Return only the lines from the top of the data down to the one that holds "from ifc_helpers import", both included, without any pictures.
START RECORDED DATA
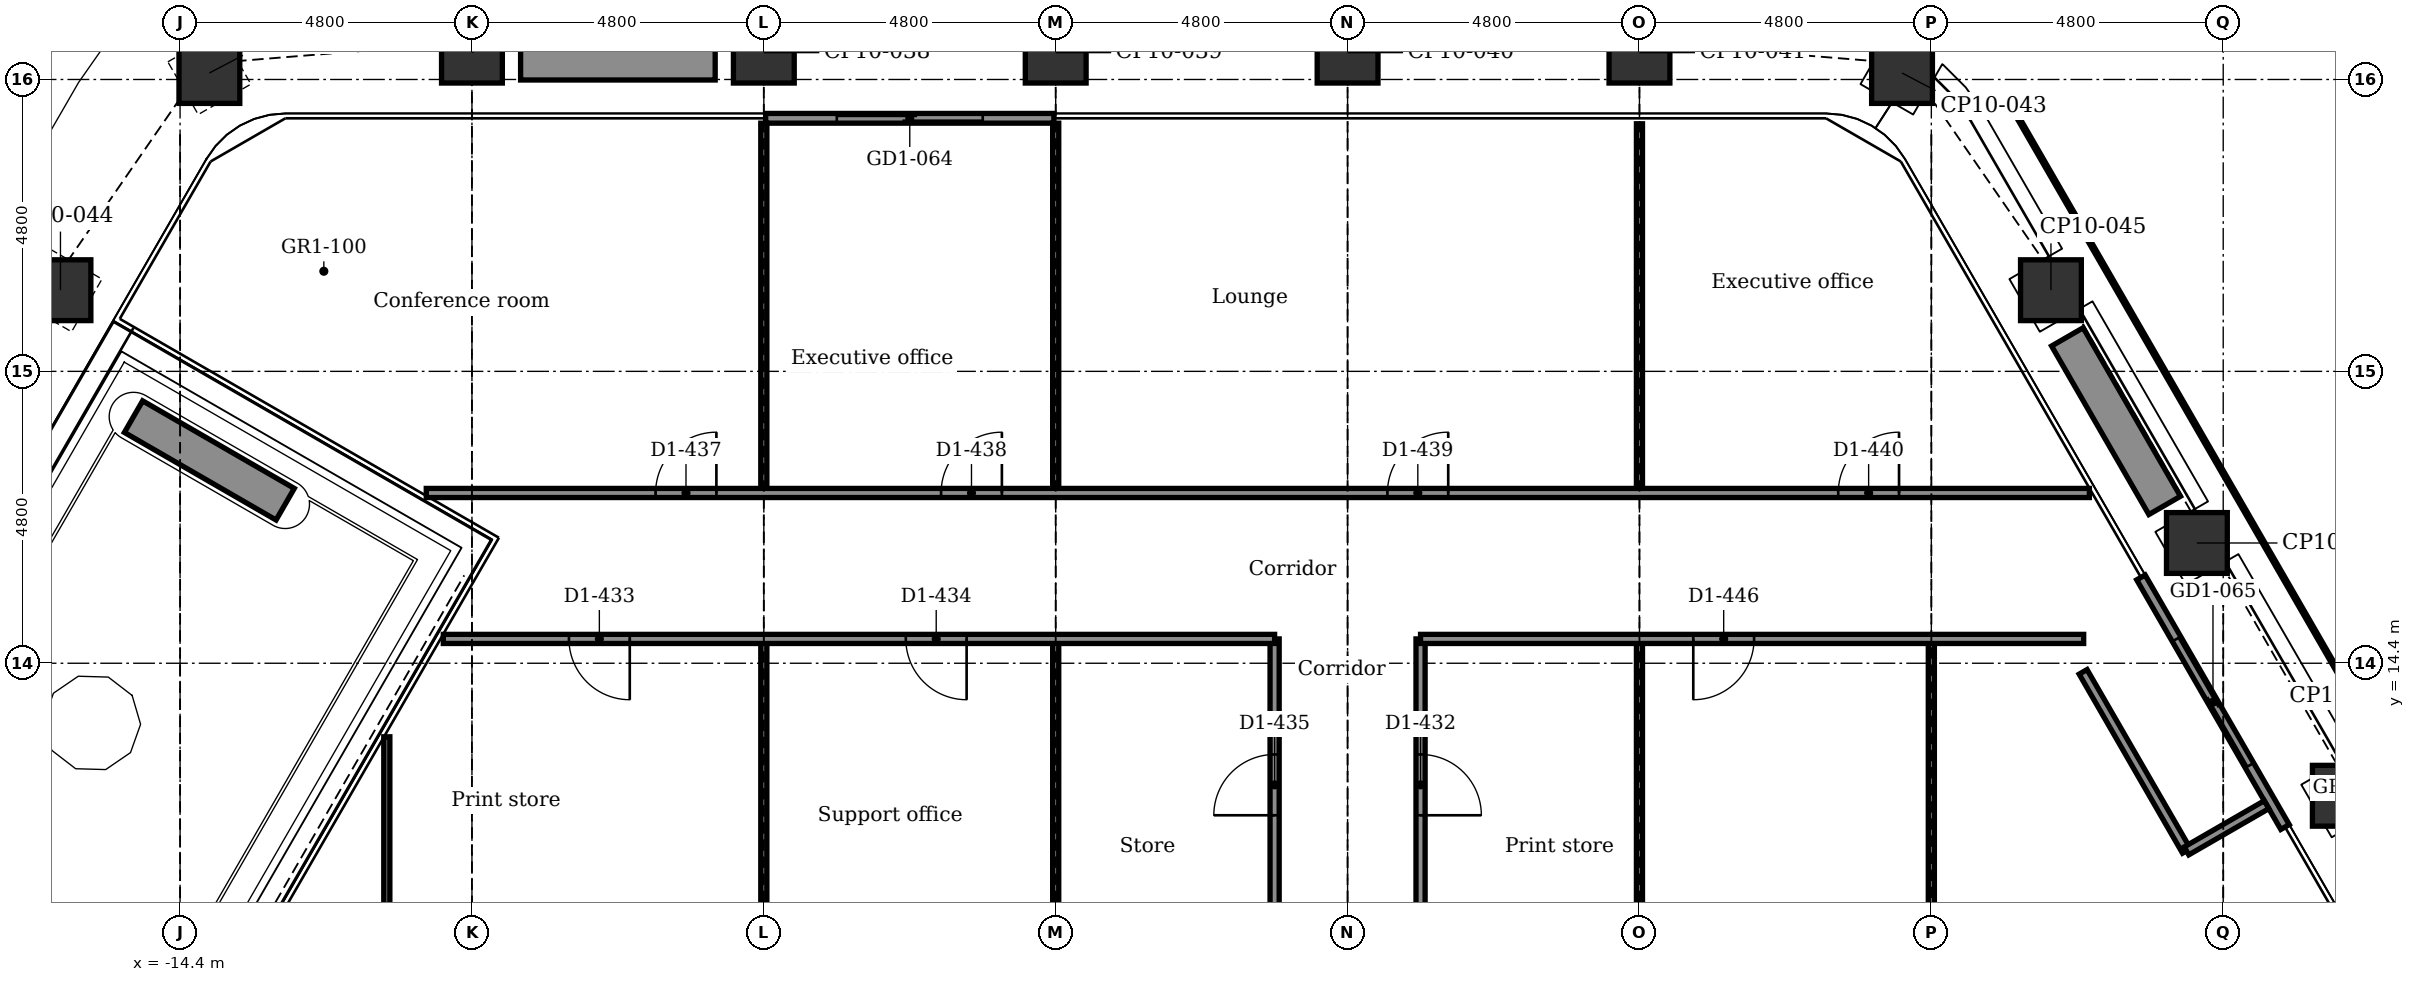
"""IFC4 building model, lengths in metres.
Left out: names, types, materials, properties, quantities, classifications, styles, units other than length and angle.
Written with IfcOpenShell. Run it as: python <this file> out.ifc"""

import sys

from ifc_helpers import new_model, si_unit, direction, frame, frame_2d, origin, origin_2d, place, context, subcontext, project, spatial, rectangle, extrude, element, fill, save


model = new_model("IFC4")
c1 = context("Model", 3, precision=1e-05, world=origin(), true_north=direction((0.0, 1.0)))
c2 = subcontext(c1, "Body", "Model", "MODEL_VIEW")
j1 = project(units=[si_unit("LENGTHUNIT", "METRE"), si_unit("PLANEANGLEUNIT", "RADIAN")], contexts=[c1])
p1 = place(None, origin())
s1 = spatial("IfcSite", under=j1, at=p1, CompositionType="ELEMENT")
p2 = place(p1, origin())
s2 = spatial("IfcBuilding", under=s1, at=p2, CompositionType="ELEMENT")
p3 = place(p2, frame((0.0, 0.0, 150.5)))
s3 = spatial("IfcBuildingStorey", under=s2, at=p3, CompositionType="ELEMENT", Elevation=150.5)
for number, where, z_axis, x_axis in (
    (1, (-13.918, 24.107, -0.15), (0.0, 0.0, 1.0), (0.866, 0.5, 0.0)),
    (2, (-9.6, 24.442, -0.15), (0.0, 0.0, 1.0), (1.0, 0.0, 0.0)),
    (3, (-4.8, 24.442, -0.15), (0.0, 0.0, 1.0), (1.0, 0.0, 0.0)),
    (4, (0.0, 24.442, -0.15), (0.0, 0.0, 1.0), (1.0, 0.0, 0.0)),
    (5, (4.8, 24.442, -0.15), (0.0, 0.0, 1.0), (1.0, 0.0, 0.0)),
    (6, (9.6, 24.442, -0.15), (0.0, 0.0, 1.0), (1.0, 0.0, 0.0)),
    (7, (13.918, 24.107, -0.15), (0.0, 0.0, 1.0), (0.5, 0.866, 0.0)),
    (8, (16.367, 20.535, -0.15), (0.0, 0.0, 1.0), (0.866, 0.5, 0.0)),
    (9, (18.767, 16.378, -0.15), (0.0, 0.0, 1.0), (0.866, 0.5, 0.0)),
    (10, (21.167, 12.221, -0.15), (0.0, 0.0, 1.0), (0.866, 0.5, 0.0)),
    (11, (-16.367, 20.535, -0.15), (0.0, 0.0, 1.0), (0.5, 0.866, 0.0)),
):
    element("IfcColumn", number, at=place(p3, frame(where, z_axis=z_axis, x_axis=x_axis)), inside=s3, PredefinedType="COLUMN", context=c2, shape_type="SweptSolid", body=[
        extrude(rectangle(XDim=1.0, YDim=1.0, at=origin_2d()), origin(), (0.0, 0.0, 1.0), 3.9),
    ])
p4 = place(p3, frame((-4.77, 23.362, 0.0), z_axis=(0.0, 0.0, 1.0), x_axis=(1.0, 0.0, 0.0)))
e12 = element("IfcWall", 12, at=p4, inside=s3, PredefinedType="PARTITIONING", context=c2, shape_type="SweptSolid", body=[
    extrude(rectangle(XDim=4.74, YDim=0.16, at=frame_2d((2.37, 0.0))), origin(), (0.0, 0.0, 1.0), 3.75),
])
p5 = place(p4, frame((1.17, 0.0, 0.0)))
e13 = element("IfcOpeningElement", 13, at=p5, cuts=e12, PredefinedType="OPENING", context=c2, shape_type="SweptSolid", body=[
    extrude(rectangle(XDim=2.4, YDim=2.4, at=frame_2d((1.2, 1.2))), frame((0.0, 0.09, 0.0), z_axis=(0.0, -1.0, 0.0), x_axis=(1.0, 0.0, 0.0)), (0.0, 0.0, 1.0), 0.18),
])
p6 = place(p3, frame((17.847, 15.812, 0.0), z_axis=(0.0, 0.0, 1.0), x_axis=(0.5000167099, -0.866015756104, 0.0)))
e14 = element("IfcWall", 14, at=p6, inside=s3, PredefinedType="PARTITIONING", context=c2, shape_type="SweptSolid", body=[
    extrude(rectangle(XDim=4.74, YDim=0.16, at=frame_2d((2.37, 0.0))), origin(), (0.0, 0.0, 1.0), 3.75),
])
p7 = place(p6, frame((1.17, 0.0, 0.0)))
e15 = element("IfcOpeningElement", 15, at=p7, cuts=e14, PredefinedType="OPENING", context=c2, shape_type="SweptSolid", body=[
    extrude(rectangle(XDim=2.4, YDim=2.4, at=frame_2d((1.2, 1.2))), frame((0.0, 0.09, 0.0), z_axis=(0.0, -1.0, 0.0), x_axis=(1.0, 0.0, 0.0)), (0.0, 0.0, 1.0), 0.18),
])
for number, where, z_axis, x_axis in (
    (16, (-8.8, 24.292, 0.0), (0.0, 0.0, 1.0), (1.0, 0.0, 0.0)),
    (17, (16.637, 19.767, 0.0), (0.0, 0.0, 1.0), (0.5, -0.866, 0.0)),
):
    element("IfcWall", number, at=place(p3, frame(where, z_axis=z_axis, x_axis=x_axis)), inside=s3, PredefinedType="USERDEFINED", context=c2, shape_type="SweptSolid", body=[
        extrude(rectangle(XDim=3.2, YDim=0.6, at=frame_2d((1.6, 0.0))), origin(), (0.0, 0.0, 1.0), 0.7),
    ])
p8 = place(p3, frame((-12.671, 17.015, 0.0), z_axis=(0.0, 0.0, 1.0), x_axis=(-0.866054314686, 0.499949921505, 0.0)))
e18 = element("IfcWall", 18, at=p8, inside=s3, PredefinedType="USERDEFINED", context=c2, shape_type="SweptSolid", body=[
    extrude(rectangle(XDim=2.88, YDim=0.6, at=frame_2d((1.44, 0.0))), origin(), (0.0, 0.0, 1.0), 0.7),
])
p9 = place(p3, frame((14.4, 9.694, 0.0), z_axis=(0.0, 0.0, 1.0), x_axis=(0.0, 1.0, 0.0)))
e19 = element("IfcWall", 19, at=p9, inside=s3, PredefinedType="PARTITIONING", context=c2, shape_type="SweptSolid", body=[
    extrude(rectangle(XDim=5.106, YDim=0.1, at=frame_2d((2.553, 0.0))), origin(), (0.0, 0.0, 1.0), 3.066),
])
p10 = place(p3, frame((9.6, 9.95, 0.0), z_axis=(0.0, 0.0, 1.0), x_axis=(0.0, 1.0, 0.0)))
e20 = element("IfcWall", 20, at=p10, inside=s3, PredefinedType="PARTITIONING", context=c2, shape_type="SweptSolid", body=[
    extrude(rectangle(XDim=4.85, YDim=0.1, at=frame_2d((2.425, 0.0))), origin(), (0.0, 0.0, 1.0), 3.066),
])
p11 = place(p3, frame((9.6, 17.2, 0.0), z_axis=(0.0, 0.0, 1.0), x_axis=(0.0, 1.0, 0.0)))
e21 = element("IfcWall", 21, at=p11, inside=s3, PredefinedType="PARTITIONING", context=c2, shape_type="SweptSolid", body=[
    extrude(rectangle(XDim=6.072, YDim=0.1, at=frame_2d((3.036, 0.0))), origin(), (0.0, 0.0, 1.0), 3.066),
])
p12 = place(p3, frame((6.0, 9.95, 0.0), z_axis=(0.0, 0.0, 1.0), x_axis=(0.0, 1.0, 0.0)))
e22 = element("IfcWall", 22, at=p12, inside=s3, PredefinedType="PARTITIONING", context=c2, shape_type="SweptSolid", body=[
    extrude(rectangle(XDim=4.85, YDim=0.15, at=frame_2d((2.425, 0.0))), origin(), (0.0, 0.0, 1.0), 3.75),
])
p13 = place(p12, frame((1.95, 0.0, 0.0)))
e23 = element("IfcOpeningElement", 23, at=p13, cuts=e22, PredefinedType="OPENING", context=c2, shape_type="SweptSolid", body=[
    extrude(rectangle(XDim=1.0, YDim=2.1, at=frame_2d((0.5, 1.05))), frame((0.0, 0.085, 0.0), z_axis=(0.0, -1.0, 0.0), x_axis=(1.0, 0.0, 0.0)), (0.0, 0.0, 1.0), 0.17),
])
p14 = place(p3, frame((3.6, 9.95, 0.0), z_axis=(0.0, 0.0, 1.0), x_axis=(0.0, 1.0, 0.0)))
e24 = element("IfcWall", 24, at=p14, inside=s3, PredefinedType="PARTITIONING", context=c2, shape_type="SweptSolid", body=[
    extrude(rectangle(XDim=4.85, YDim=0.15, at=frame_2d((2.425, 0.0))), origin(), (0.0, 0.0, 1.0), 3.75),
])
p15 = place(p14, frame((1.95, 0.0, 0.0)))
e25 = element("IfcOpeningElement", 25, at=p15, cuts=e24, PredefinedType="OPENING", context=c2, shape_type="SweptSolid", body=[
    extrude(rectangle(XDim=1.0, YDim=2.1, at=frame_2d((0.5, 1.05))), frame((0.0, 0.085, 0.0), z_axis=(0.0, -1.0, 0.0), x_axis=(1.0, 0.0, 0.0)), (0.0, 0.0, 1.0), 0.17),
])
p16 = place(p3, frame((0.0, 9.95, 0.0), z_axis=(0.0, 0.0, 1.0), x_axis=(0.0, 1.0, 0.0)))
e26 = element("IfcWall", 26, at=p16, inside=s3, PredefinedType="PARTITIONING", context=c2, shape_type="SweptSolid", body=[
    extrude(rectangle(XDim=4.85, YDim=0.1, at=frame_2d((2.425, 0.0))), origin(), (0.0, 0.0, 1.0), 3.066),
])
p17 = place(p3, frame((0.0, 17.2, 0.0), z_axis=(0.0, 0.0, 1.0), x_axis=(0.0, 1.0, 0.0)))
e27 = element("IfcWall", 27, at=p17, inside=s3, PredefinedType="PARTITIONING", context=c2, shape_type="SweptSolid", body=[
    extrude(rectangle(XDim=6.082, YDim=0.1, at=frame_2d((3.041, 0.0))), origin(), (0.0, 0.0, 1.0), 3.066),
])
p18 = place(p3, frame((-4.8, 9.95, 0.0), z_axis=(0.0, 0.0, 1.0), x_axis=(0.0, 1.0, 0.0)))
e28 = element("IfcWall", 28, at=p18, inside=s3, PredefinedType="PARTITIONING", context=c2, shape_type="SweptSolid", body=[
    extrude(rectangle(XDim=4.85, YDim=0.1, at=frame_2d((2.425, 0.0))), origin(), (0.0, 0.0, 1.0), 3.066),
])
p19 = place(p3, frame((-4.8, 17.2, 0.0), z_axis=(0.0, 0.0, 1.0), x_axis=(0.0, 1.0, 0.0)))
e29 = element("IfcWall", 29, at=p19, inside=s3, PredefinedType="PARTITIONING", context=c2, shape_type="SweptSolid", body=[
    extrude(rectangle(XDim=6.082, YDim=0.1, at=frame_2d((3.041, 0.0))), origin(), (0.0, 0.0, 1.0), 3.066),
])
p20 = place(p3, frame((-11.0, 10.0, 0.0), z_axis=(0.0, 0.0, 1.0), x_axis=(0.0, 1.0, 0.0)))
e30 = element("IfcWall", 30, at=p20, inside=s3, PredefinedType="PARTITIONING", context=c2, shape_type="SweptSolid", body=[
    extrude(rectangle(XDim=3.19, YDim=0.1, at=frame_2d((1.595, 0.0))), origin(), (0.0, 0.0, 1.0), 3.75),
])
p21 = place(p3, frame((16.896, 14.258, 0.0), z_axis=(0.0, 0.0, 1.0), x_axis=(0.499977295307, -0.866038511948, 0.0)))
e31 = element("IfcWall", 31, at=p21, inside=s3, PredefinedType="PARTITIONING", context=c2, shape_type="SweptSolid", body=[
    extrude(rectangle(XDim=3.4, YDim=0.15, at=frame_2d((1.7, 0.0))), origin(), (0.0, 0.0, 1.0), 3.75),
])
p22 = place(p3, frame((18.596, 11.314, 0.0), z_axis=(0.0, 0.0, 1.0), x_axis=(0.866030456496, 0.499991248344, 0.0)))
e32 = element("IfcWall", 32, at=p22, inside=s3, PredefinedType="PARTITIONING", context=c2, shape_type="SweptSolid", body=[
    extrude(rectangle(XDim=1.52, YDim=0.15, at=frame_2d((0.76, 0.0))), origin(), (0.0, 0.0, 1.0), 3.75),
])
p23 = place(p3, frame((-10.071, 14.8, 0.0), z_axis=(0.0, 0.0, 1.0), x_axis=(1.0, 0.0, 0.0)))
e33 = element("IfcWall", 33, at=p23, inside=s3, PredefinedType="PARTITIONING", context=c2, shape_type="SweptSolid", body=[
    extrude(rectangle(XDim=13.671, YDim=0.15, at=frame_2d((6.835, 0.0))), origin(), (0.0, 0.0, 1.0), 3.75),
])
p24 = place(p23, frame((2.066, 0.0, 0.0)))
e34 = element("IfcOpeningElement", 34, at=p24, cuts=e33, PredefinedType="OPENING", context=c2, shape_type="SweptSolid", body=[
    extrude(rectangle(XDim=1.0, YDim=2.1, at=frame_2d((0.5, 1.05))), frame((0.0, 0.085, 0.0), z_axis=(0.0, -1.0, 0.0), x_axis=(1.0, 0.0, 0.0)), (0.0, 0.0, 1.0), 0.17),
])
p25 = place(p23, frame((7.606, 0.0, 0.0)))
e35 = element("IfcOpeningElement", 35, at=p25, cuts=e33, PredefinedType="OPENING", context=c2, shape_type="SweptSolid", body=[
    extrude(rectangle(XDim=1.0, YDim=2.1, at=frame_2d((0.5, 1.05))), frame((0.0, 0.085, 0.0), z_axis=(0.0, -1.0, 0.0), x_axis=(1.0, 0.0, 0.0)), (0.0, 0.0, 1.0), 0.17),
])
p26 = place(p3, frame((6.0, 14.8, 0.0), z_axis=(0.0, 0.0, 1.0), x_axis=(1.0, 0.0, 0.0)))
e36 = element("IfcWall", 36, at=p26, inside=s3, PredefinedType="PARTITIONING", context=c2, shape_type="SweptSolid", body=[
    extrude(rectangle(XDim=10.905, YDim=0.15, at=frame_2d((5.453, 0.0))), origin(), (0.0, 0.0, 1.0), 3.75),
])
p27 = place(p26, frame((4.485, 0.0, 0.0)))
e37 = element("IfcOpeningElement", 37, at=p27, cuts=e36, PredefinedType="OPENING", context=c2, shape_type="SweptSolid", body=[
    extrude(rectangle(XDim=1.0, YDim=2.1, at=frame_2d((0.5, 1.05))), frame((0.0, 0.085, 0.0), z_axis=(0.0, -1.0, 0.0), x_axis=(1.0, 0.0, 0.0)), (0.0, 0.0, 1.0), 0.17),
])
p28 = place(p3, frame((-10.351, 17.2, 0.0), z_axis=(0.0, 0.0, 1.0), x_axis=(1.0, 0.0, 0.0)))
e38 = element("IfcWall", 38, at=p28, inside=s3, PredefinedType="PARTITIONING", context=c2, shape_type="SweptSolid", body=[
    extrude(rectangle(XDim=27.35, YDim=0.15, at=frame_2d((13.675, 0.0))), origin(), (0.0, 0.0, 1.0), 3.75),
])
p29 = place(p28, frame((3.771, 0.0, 0.0)))
e39 = element("IfcOpeningElement", 39, at=p29, cuts=e38, PredefinedType="OPENING", context=c2, shape_type="SweptSolid", body=[
    extrude(rectangle(XDim=1.0, YDim=2.1, at=frame_2d((0.5, 1.05))), frame((0.0, 0.085, 0.0), z_axis=(0.0, -1.0, 0.0), x_axis=(1.0, 0.0, 0.0)), (0.0, 0.0, 1.0), 0.17),
])
p30 = place(p28, frame((8.466, 0.0, 0.0)))
e40 = element("IfcOpeningElement", 40, at=p30, cuts=e38, PredefinedType="OPENING", context=c2, shape_type="SweptSolid", body=[
    extrude(rectangle(XDim=1.0, YDim=2.1, at=frame_2d((0.5, 1.05))), frame((0.0, 0.085, 0.0), z_axis=(0.0, -1.0, 0.0), x_axis=(1.0, 0.0, 0.0)), (0.0, 0.0, 1.0), 0.17),
])
p31 = place(p28, frame((15.806, 0.0, 0.0)))
e41 = element("IfcOpeningElement", 41, at=p31, cuts=e38, PredefinedType="OPENING", context=c2, shape_type="SweptSolid", body=[
    extrude(rectangle(XDim=1.0, YDim=2.1, at=frame_2d((0.5, 1.05))), frame((0.0, 0.085, 0.0), z_axis=(0.0, -1.0, 0.0), x_axis=(1.0, 0.0, 0.0)), (0.0, 0.0, 1.0), 0.17),
])
p32 = place(p28, frame((23.22, 0.0, 0.0)))
e42 = element("IfcOpeningElement", 42, at=p32, cuts=e38, PredefinedType="OPENING", context=c2, shape_type="SweptSolid", body=[
    extrude(rectangle(XDim=1.0, YDim=2.1, at=frame_2d((0.5, 1.05))), frame((0.0, 0.085, 0.0), z_axis=(0.0, -1.0, 0.0), x_axis=(1.0, 0.0, 0.0)), (0.0, 0.0, 1.0), 0.17),
])
p33 = place(p5, origin())
e43 = element("IfcDoor", 43, at=p33, inside=s3, OperationType="DOUBLE_DOOR_SLIDING", PredefinedType="DOOR", context=c2, shape_type="SweptSolid", body=[
    extrude(rectangle(XDim=2.4, YDim=2.4, at=frame_2d((1.2, 1.2))), frame((0.0, 0.025, 0.0), z_axis=(0.0, -1.0, 0.0), x_axis=(1.0, 0.0, 0.0)), (0.0, 0.0, 1.0), 0.05),
])
fill(e13, e43)
p34 = place(p7, origin())
e44 = element("IfcDoor", 44, at=p34, inside=s3, OperationType="DOUBLE_DOOR_SLIDING", PredefinedType="DOOR", context=c2, shape_type="SweptSolid", body=[
    extrude(rectangle(XDim=2.4, YDim=2.4, at=frame_2d((1.2, 1.2))), frame((0.0, 0.025, 0.0), z_axis=(0.0, -1.0, 0.0), x_axis=(1.0, 0.0, 0.0)), (0.0, 0.0, 1.0), 0.05),
])
fill(e15, e44)
p35 = place(p13, frame((1.0, 0.0, 0.0), z_axis=(0.0, 0.0, 1.0), x_axis=(-1.0, 0.0, 0.0)))
e45 = element("IfcDoor", 45, at=p35, inside=s3, OperationType="SINGLE_SWING_LEFT", PredefinedType="DOOR", context=c2, shape_type="SweptSolid", body=[
    extrude(rectangle(XDim=1.0, YDim=2.1, at=frame_2d((0.5, 1.05))), frame((0.0, 0.025, 0.0), z_axis=(0.0, -1.0, 0.0), x_axis=(1.0, 0.0, 0.0)), (0.0, 0.0, 1.0), 0.05),
])
fill(e23, e45)
p36 = place(p24, frame((1.0, 0.0, 0.0), z_axis=(0.0, 0.0, 1.0), x_axis=(-1.0, 0.0, 0.0)))
e46 = element("IfcDoor", 46, at=p36, inside=s3, OperationType="SINGLE_SWING_RIGHT", PredefinedType="DOOR", context=c2, shape_type="SweptSolid", body=[
    extrude(rectangle(XDim=1.0, YDim=2.1, at=frame_2d((0.5, 1.05))), frame((0.0, 0.025, 0.0), z_axis=(0.0, -1.0, 0.0), x_axis=(1.0, 0.0, 0.0)), (0.0, 0.0, 1.0), 0.05),
])
fill(e34, e46)
p37 = place(p25, frame((1.0, 0.0, 0.0), z_axis=(0.0, 0.0, 1.0), x_axis=(-1.0, 0.0, 0.0)))
e47 = element("IfcDoor", 47, at=p37, inside=s3, OperationType="SINGLE_SWING_RIGHT", PredefinedType="DOOR", context=c2, shape_type="SweptSolid", body=[
    extrude(rectangle(XDim=1.0, YDim=2.1, at=frame_2d((0.5, 1.05))), frame((0.0, 0.025, 0.0), z_axis=(0.0, -1.0, 0.0), x_axis=(1.0, 0.0, 0.0)), (0.0, 0.0, 1.0), 0.05),
])
fill(e35, e47)
p38 = place(p15, origin())
e48 = element("IfcDoor", 48, at=p38, inside=s3, OperationType="SINGLE_SWING_LEFT", PredefinedType="DOOR", context=c2, shape_type="SweptSolid", body=[
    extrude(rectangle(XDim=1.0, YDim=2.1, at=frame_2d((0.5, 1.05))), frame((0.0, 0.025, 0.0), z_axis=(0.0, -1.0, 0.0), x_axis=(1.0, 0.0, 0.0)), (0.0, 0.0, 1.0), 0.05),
END RECORDED DATA
RESPONSE TO THE TASK:
"""IFC4 building model, lengths in metres.
Left out: names, types, materials, properties, quantities, classifications, styles, units other than length and angle.
Written with IfcOpenShell. Run it as: python <this file> out.ifc"""

import sys

from ifc_helpers import new_model, si_unit, direction, frame, frame_2d, origin, origin_2d, place, context, subcontext, project, spatial, rectangle, extrude, element, fill, save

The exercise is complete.